### What the exercise asks:
Among the lines below, list those containing the string "solid".
[Start of section]
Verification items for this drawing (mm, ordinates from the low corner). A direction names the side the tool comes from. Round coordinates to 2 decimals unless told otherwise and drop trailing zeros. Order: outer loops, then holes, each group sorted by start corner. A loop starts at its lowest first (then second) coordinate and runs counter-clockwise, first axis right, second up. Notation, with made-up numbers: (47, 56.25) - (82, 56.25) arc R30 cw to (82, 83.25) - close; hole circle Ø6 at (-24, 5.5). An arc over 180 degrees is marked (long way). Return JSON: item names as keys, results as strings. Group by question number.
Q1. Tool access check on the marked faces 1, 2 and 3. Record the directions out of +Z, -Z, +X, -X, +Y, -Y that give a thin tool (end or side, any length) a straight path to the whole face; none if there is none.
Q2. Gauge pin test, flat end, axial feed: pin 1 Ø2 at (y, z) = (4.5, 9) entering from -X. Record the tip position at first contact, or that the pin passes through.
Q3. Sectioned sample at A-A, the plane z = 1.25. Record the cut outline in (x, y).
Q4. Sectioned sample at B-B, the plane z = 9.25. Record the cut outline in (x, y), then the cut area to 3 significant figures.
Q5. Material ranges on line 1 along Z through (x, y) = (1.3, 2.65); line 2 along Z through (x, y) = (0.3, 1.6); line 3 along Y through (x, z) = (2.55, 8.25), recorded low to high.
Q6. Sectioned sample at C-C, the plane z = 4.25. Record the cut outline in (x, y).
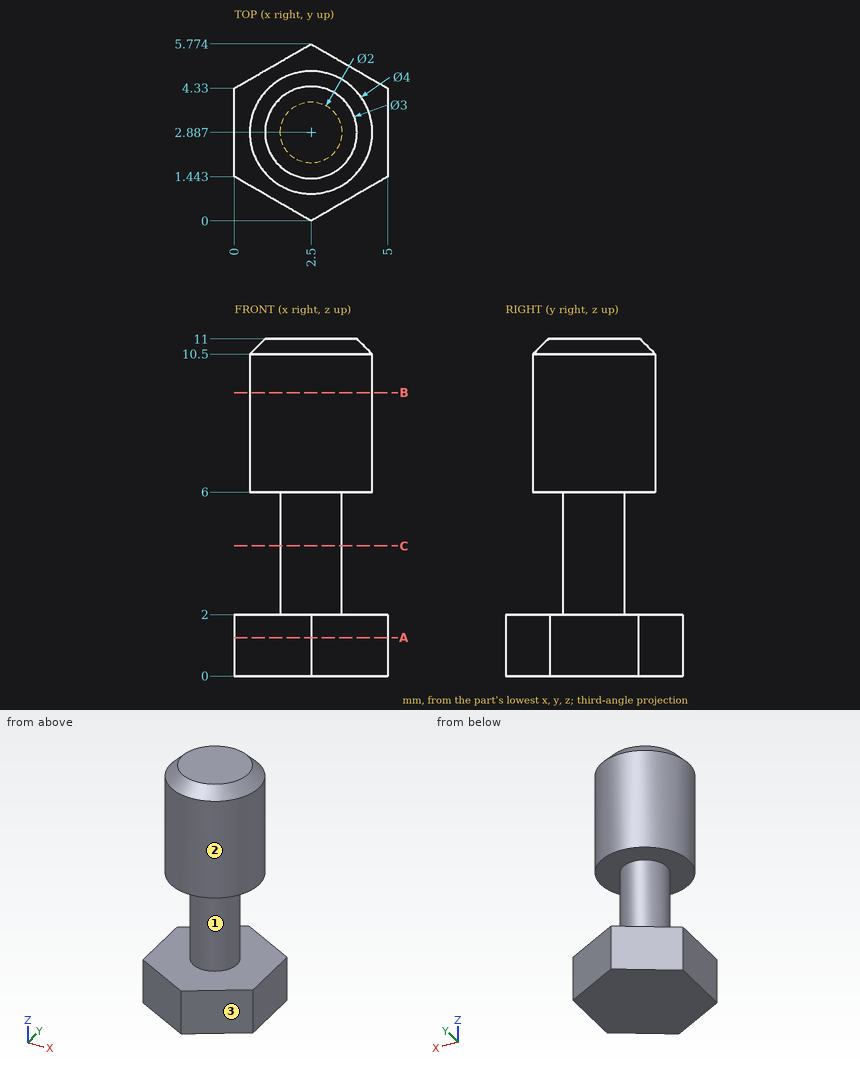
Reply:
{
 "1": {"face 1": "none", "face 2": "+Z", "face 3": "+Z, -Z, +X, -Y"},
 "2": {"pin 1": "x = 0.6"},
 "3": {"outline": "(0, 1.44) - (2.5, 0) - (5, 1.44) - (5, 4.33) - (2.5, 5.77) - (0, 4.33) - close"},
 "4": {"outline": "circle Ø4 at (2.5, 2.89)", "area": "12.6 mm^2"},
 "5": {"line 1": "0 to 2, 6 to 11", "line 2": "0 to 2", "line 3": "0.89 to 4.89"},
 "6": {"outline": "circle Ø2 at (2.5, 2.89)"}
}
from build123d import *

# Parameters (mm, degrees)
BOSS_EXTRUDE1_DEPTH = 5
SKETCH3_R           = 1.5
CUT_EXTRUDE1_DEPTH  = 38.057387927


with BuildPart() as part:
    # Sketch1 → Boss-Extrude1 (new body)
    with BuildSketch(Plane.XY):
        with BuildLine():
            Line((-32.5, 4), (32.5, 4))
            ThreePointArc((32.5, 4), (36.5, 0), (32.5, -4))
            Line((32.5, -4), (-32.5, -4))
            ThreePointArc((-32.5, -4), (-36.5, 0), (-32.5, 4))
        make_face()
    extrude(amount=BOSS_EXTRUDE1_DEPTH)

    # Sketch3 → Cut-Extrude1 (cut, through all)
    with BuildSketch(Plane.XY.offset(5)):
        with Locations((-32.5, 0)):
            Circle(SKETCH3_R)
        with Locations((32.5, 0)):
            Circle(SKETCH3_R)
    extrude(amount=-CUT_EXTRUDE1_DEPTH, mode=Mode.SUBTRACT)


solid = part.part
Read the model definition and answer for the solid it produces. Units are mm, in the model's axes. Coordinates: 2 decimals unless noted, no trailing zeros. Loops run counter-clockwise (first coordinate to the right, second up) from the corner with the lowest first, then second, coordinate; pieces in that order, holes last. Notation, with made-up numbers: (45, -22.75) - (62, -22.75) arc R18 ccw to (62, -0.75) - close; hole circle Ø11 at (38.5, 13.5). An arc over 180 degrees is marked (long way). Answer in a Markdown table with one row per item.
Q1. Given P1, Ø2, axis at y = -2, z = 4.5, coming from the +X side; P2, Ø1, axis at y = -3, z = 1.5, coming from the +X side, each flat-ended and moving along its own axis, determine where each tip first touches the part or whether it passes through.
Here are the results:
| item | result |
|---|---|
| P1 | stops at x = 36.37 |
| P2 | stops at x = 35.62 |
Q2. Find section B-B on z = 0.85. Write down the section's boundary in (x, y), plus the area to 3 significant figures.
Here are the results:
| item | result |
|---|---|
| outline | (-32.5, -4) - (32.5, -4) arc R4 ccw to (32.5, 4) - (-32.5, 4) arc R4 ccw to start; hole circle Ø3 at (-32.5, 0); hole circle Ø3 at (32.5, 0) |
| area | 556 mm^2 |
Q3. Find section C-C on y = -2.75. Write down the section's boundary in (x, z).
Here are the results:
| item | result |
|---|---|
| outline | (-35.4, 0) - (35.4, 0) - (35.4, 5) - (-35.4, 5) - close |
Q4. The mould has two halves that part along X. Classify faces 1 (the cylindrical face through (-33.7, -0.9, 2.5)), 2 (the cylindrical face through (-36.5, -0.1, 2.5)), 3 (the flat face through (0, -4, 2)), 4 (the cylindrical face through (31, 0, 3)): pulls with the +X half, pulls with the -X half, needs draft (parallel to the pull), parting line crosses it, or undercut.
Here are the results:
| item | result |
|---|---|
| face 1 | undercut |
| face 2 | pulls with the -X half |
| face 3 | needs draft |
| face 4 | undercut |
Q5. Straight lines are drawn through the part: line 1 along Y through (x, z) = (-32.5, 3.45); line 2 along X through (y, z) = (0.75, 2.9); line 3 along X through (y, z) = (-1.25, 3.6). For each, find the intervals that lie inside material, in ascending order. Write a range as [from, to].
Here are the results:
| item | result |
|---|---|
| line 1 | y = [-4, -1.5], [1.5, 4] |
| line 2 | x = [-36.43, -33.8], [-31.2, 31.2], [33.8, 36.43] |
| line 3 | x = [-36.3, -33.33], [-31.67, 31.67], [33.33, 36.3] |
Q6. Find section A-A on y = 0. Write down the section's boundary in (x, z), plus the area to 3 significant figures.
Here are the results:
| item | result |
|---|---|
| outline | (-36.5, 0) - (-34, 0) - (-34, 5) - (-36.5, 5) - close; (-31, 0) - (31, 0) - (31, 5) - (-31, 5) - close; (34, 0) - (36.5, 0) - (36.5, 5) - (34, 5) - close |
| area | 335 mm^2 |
[End of section]
### Expected answer:
solid = part.part
Read the model definition and answer for the solid it produces. Units are mm, in the model's axes. Coordinates: 2 decimals unless noted, no trailing zeros. Loops run counter-clockwise (first coordinate to the right, second up) from the corner with the lowest first, then second, coordinate; pieces in that order, holes last. Notation, with made-up numbers: (45, -22.75) - (62, -22.75) arc R18 ccw to (62, -0.75) - close; hole circle Ø11 at (38.5, 13.5). An arc over 180 degrees is marked (long way). Answer in a Markdown table with one row per item.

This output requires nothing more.